* [Work to be completed]:
Your answer should consist of each line below that includes the word "under".
Dataset records Start Marker
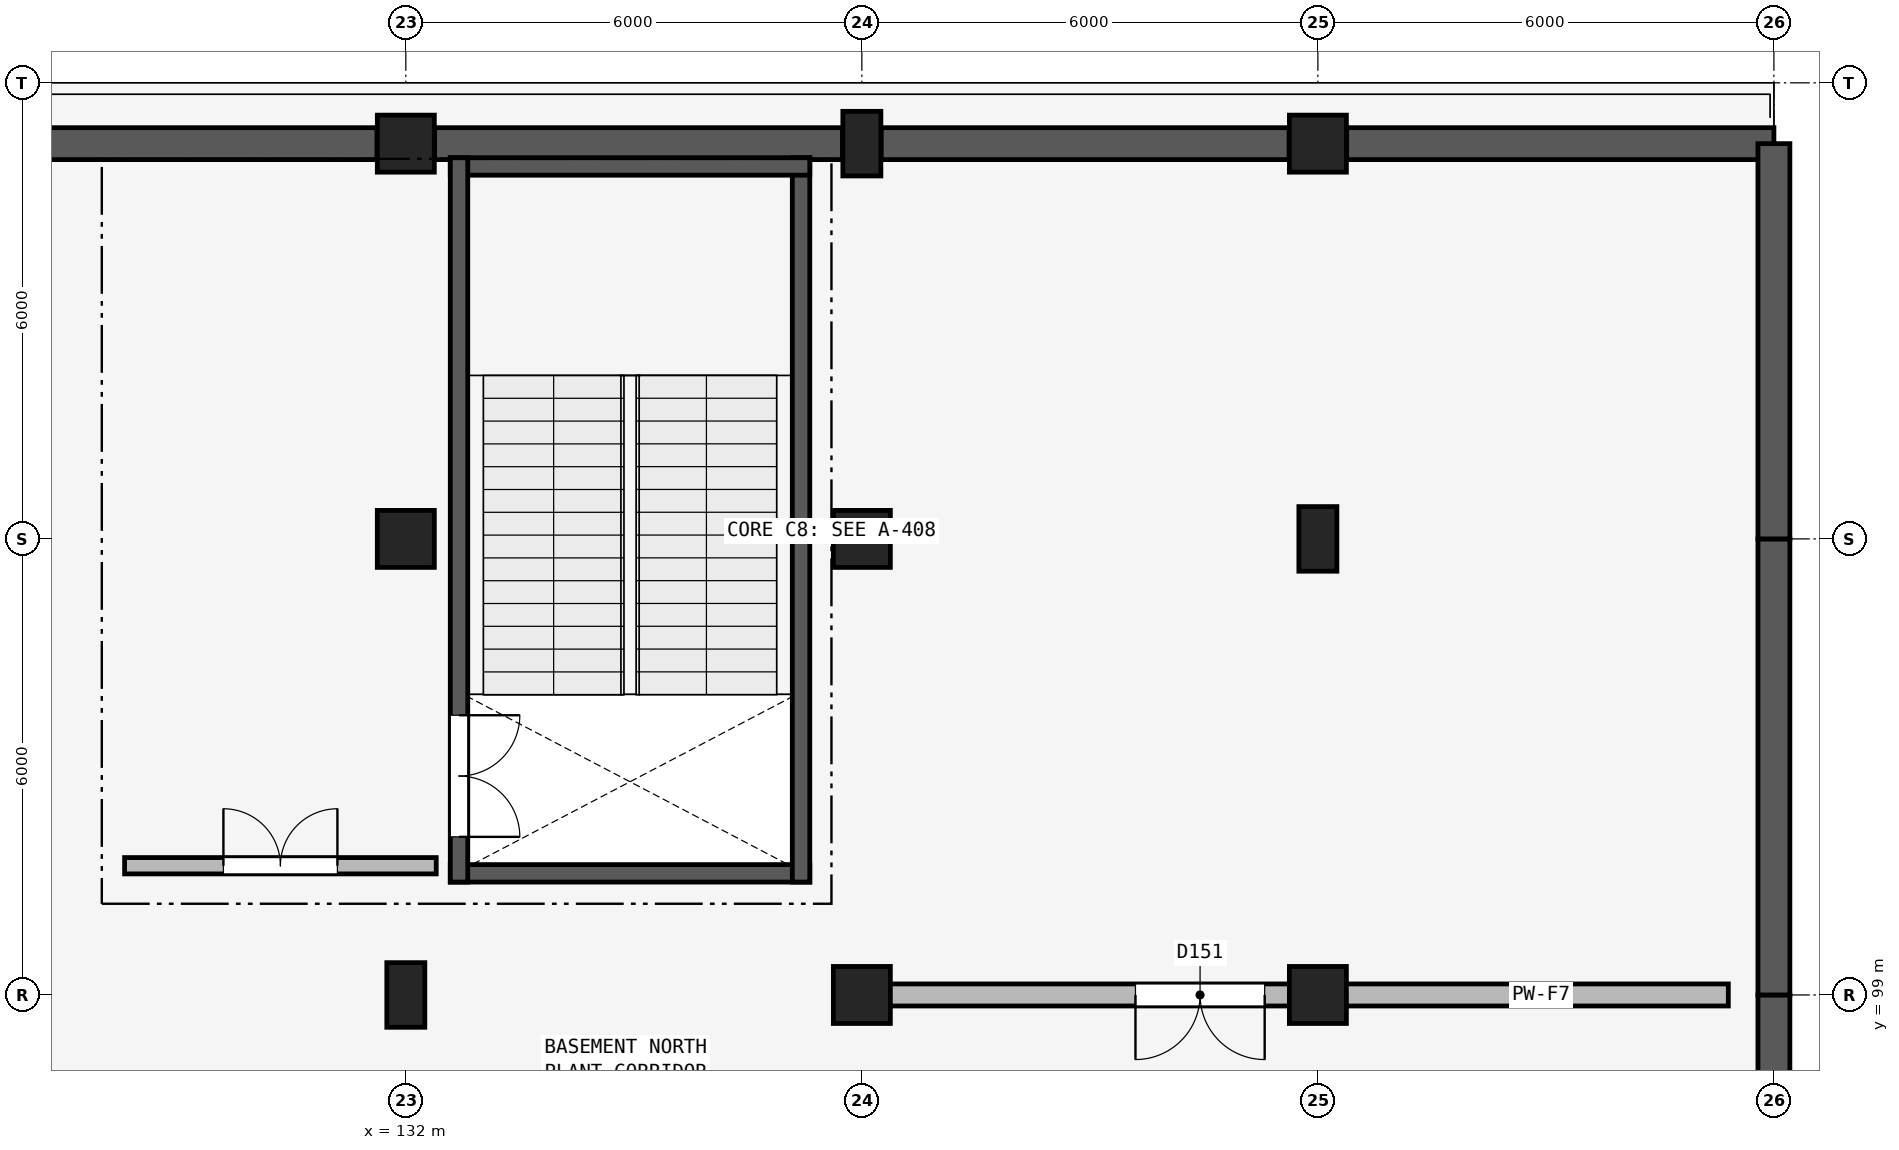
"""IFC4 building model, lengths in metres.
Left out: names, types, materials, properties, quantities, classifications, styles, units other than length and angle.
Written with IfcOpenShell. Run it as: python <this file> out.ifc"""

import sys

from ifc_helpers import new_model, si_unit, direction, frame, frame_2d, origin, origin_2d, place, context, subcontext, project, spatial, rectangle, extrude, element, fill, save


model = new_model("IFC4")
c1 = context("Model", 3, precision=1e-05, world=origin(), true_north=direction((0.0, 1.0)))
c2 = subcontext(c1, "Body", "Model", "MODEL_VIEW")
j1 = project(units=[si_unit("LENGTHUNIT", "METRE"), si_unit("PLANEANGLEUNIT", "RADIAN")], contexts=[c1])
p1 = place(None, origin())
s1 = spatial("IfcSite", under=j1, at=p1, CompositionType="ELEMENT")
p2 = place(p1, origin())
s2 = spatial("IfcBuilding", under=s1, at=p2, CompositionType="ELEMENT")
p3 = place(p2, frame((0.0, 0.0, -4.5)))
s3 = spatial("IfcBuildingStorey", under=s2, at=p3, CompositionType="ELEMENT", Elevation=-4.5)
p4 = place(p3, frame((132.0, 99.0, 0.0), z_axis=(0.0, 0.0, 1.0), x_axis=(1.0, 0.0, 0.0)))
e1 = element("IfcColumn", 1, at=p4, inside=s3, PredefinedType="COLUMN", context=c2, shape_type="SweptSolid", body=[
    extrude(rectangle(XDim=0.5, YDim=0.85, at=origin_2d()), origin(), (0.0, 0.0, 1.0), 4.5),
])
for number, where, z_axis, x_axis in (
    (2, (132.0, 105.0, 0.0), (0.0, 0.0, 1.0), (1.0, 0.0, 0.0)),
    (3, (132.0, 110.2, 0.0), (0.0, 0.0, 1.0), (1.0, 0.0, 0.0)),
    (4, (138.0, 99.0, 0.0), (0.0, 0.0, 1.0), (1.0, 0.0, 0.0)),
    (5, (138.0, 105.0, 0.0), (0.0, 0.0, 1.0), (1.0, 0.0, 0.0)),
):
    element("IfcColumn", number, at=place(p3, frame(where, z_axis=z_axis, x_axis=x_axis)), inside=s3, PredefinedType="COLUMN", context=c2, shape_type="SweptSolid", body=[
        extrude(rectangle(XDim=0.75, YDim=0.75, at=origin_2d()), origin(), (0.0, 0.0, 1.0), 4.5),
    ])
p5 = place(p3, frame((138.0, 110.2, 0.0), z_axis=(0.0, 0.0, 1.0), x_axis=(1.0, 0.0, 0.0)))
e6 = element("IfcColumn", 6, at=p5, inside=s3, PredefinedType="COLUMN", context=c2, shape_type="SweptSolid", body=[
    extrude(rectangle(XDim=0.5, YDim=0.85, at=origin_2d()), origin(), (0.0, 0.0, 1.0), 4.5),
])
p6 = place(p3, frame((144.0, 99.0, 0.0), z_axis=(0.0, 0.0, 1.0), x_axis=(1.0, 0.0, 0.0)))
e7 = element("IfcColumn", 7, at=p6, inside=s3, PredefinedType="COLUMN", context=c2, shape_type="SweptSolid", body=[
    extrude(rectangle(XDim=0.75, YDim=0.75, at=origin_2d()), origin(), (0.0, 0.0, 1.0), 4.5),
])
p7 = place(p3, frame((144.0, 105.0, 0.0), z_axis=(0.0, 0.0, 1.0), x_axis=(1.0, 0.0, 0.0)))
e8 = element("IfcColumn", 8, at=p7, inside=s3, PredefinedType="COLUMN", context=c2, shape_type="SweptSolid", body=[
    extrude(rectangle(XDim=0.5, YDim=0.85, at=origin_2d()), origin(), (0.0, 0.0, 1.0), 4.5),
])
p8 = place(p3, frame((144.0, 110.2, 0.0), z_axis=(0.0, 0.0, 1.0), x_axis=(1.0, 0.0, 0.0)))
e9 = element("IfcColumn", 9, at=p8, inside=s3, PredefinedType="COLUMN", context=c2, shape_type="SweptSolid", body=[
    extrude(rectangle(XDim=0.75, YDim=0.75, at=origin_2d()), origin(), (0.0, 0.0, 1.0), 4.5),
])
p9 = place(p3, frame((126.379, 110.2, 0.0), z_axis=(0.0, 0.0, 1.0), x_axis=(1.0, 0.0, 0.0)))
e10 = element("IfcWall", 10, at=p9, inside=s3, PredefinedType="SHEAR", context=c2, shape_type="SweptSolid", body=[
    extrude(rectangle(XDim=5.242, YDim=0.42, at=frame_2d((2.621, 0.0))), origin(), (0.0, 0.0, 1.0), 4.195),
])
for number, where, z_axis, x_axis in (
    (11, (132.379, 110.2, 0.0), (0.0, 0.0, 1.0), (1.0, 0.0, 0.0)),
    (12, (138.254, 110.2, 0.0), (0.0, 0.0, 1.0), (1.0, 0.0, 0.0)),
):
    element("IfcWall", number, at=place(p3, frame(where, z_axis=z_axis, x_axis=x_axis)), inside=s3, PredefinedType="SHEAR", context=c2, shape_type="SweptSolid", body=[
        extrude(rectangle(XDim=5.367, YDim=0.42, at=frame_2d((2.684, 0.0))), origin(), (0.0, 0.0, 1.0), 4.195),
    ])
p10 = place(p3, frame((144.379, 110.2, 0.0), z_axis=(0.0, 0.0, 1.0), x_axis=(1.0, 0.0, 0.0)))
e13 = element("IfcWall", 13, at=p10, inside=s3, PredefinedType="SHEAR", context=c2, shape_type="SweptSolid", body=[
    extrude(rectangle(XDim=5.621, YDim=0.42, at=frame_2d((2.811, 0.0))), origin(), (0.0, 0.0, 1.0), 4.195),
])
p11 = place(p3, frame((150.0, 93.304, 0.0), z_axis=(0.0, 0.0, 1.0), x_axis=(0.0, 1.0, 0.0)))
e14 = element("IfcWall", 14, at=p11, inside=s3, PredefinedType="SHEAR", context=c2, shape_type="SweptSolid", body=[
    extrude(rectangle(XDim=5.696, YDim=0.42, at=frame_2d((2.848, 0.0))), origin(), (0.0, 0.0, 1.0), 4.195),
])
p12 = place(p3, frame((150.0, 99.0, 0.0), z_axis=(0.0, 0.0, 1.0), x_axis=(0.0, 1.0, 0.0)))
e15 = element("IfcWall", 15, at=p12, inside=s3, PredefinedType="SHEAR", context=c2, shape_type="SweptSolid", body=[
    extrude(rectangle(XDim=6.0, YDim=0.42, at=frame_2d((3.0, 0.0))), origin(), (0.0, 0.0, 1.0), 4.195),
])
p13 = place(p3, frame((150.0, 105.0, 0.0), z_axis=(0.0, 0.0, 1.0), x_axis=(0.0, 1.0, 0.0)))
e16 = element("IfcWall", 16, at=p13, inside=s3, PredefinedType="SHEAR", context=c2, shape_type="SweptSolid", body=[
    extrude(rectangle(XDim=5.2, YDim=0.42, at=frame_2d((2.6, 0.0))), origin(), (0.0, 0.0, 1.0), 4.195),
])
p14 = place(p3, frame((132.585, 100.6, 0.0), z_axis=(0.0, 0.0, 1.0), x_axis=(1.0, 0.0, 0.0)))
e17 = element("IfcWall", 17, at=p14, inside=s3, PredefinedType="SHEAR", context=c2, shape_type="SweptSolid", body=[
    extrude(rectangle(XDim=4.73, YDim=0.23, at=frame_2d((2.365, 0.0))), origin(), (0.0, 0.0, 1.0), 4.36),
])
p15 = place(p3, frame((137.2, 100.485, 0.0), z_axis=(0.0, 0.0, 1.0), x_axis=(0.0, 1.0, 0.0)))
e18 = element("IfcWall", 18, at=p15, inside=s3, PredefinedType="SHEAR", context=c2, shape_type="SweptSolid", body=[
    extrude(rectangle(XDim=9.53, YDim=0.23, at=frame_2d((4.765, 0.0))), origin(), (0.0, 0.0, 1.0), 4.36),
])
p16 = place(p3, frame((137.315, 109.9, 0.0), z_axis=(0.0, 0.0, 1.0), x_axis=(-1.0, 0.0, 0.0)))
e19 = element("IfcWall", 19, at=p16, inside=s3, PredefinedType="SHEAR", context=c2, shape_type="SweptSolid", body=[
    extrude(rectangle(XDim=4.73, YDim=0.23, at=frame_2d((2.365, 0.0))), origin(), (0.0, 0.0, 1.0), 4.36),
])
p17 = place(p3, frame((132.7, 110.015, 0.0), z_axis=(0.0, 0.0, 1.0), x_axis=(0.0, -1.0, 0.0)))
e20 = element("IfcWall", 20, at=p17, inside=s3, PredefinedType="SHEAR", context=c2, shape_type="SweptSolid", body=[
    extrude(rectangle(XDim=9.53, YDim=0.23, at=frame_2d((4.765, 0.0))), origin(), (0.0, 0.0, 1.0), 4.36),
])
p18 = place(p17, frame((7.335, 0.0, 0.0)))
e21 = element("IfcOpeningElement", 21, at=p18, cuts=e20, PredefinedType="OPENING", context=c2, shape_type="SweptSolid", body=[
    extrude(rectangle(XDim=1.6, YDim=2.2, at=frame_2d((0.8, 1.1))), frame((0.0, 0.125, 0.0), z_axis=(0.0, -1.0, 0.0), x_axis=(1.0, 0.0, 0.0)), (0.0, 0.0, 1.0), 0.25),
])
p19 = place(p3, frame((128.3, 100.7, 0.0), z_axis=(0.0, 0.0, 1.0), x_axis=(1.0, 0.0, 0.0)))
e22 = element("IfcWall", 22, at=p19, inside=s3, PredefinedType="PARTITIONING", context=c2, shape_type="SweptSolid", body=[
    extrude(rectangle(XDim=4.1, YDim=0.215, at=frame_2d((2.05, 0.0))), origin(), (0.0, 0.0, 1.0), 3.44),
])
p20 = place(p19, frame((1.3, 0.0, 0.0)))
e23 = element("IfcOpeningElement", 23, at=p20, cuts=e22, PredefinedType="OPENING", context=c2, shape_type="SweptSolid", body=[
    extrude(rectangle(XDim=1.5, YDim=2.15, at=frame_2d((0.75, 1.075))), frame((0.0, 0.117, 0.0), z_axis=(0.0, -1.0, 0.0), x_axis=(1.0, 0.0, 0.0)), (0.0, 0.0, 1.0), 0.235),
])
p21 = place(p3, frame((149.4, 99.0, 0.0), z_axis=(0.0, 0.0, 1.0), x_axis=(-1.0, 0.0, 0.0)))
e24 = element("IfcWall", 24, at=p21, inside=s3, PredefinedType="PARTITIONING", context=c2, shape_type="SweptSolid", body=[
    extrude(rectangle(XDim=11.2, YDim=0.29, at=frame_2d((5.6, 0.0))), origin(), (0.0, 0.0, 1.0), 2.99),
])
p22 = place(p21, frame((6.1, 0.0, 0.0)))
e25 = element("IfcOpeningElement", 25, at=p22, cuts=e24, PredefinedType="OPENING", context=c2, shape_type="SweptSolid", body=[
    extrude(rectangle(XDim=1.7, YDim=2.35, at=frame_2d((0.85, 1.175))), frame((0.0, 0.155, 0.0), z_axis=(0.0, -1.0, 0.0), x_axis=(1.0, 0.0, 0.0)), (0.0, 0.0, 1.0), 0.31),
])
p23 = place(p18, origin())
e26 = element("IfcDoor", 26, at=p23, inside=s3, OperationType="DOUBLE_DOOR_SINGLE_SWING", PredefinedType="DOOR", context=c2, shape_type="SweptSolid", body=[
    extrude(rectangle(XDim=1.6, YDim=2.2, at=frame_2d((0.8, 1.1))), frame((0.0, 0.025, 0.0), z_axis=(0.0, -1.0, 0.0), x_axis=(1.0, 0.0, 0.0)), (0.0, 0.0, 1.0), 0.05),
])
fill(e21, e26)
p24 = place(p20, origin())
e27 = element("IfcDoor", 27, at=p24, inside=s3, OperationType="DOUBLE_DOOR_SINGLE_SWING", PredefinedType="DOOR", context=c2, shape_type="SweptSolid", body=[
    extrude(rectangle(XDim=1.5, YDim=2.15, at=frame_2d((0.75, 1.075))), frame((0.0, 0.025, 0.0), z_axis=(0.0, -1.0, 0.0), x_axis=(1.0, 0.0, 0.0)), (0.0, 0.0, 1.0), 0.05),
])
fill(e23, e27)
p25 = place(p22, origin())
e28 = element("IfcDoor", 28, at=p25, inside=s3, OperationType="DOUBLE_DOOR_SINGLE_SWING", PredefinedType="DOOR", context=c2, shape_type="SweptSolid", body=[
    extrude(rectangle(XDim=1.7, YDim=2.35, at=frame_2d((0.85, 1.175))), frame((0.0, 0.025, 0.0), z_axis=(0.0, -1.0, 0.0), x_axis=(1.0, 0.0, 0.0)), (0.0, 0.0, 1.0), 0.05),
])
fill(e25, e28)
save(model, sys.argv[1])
Dataset records End Marker
* [Exercise solution]:
s1 = spatial("IfcSite", under=j1, at=p1, CompositionType="ELEMENT")
s2 = spatial("IfcBuilding", under=s1, at=p2, CompositionType="ELEMENT")
s3 = spatial("IfcBuildingStorey", under=s2, at=p3, CompositionType="ELEMENT", Elevation=-4.5)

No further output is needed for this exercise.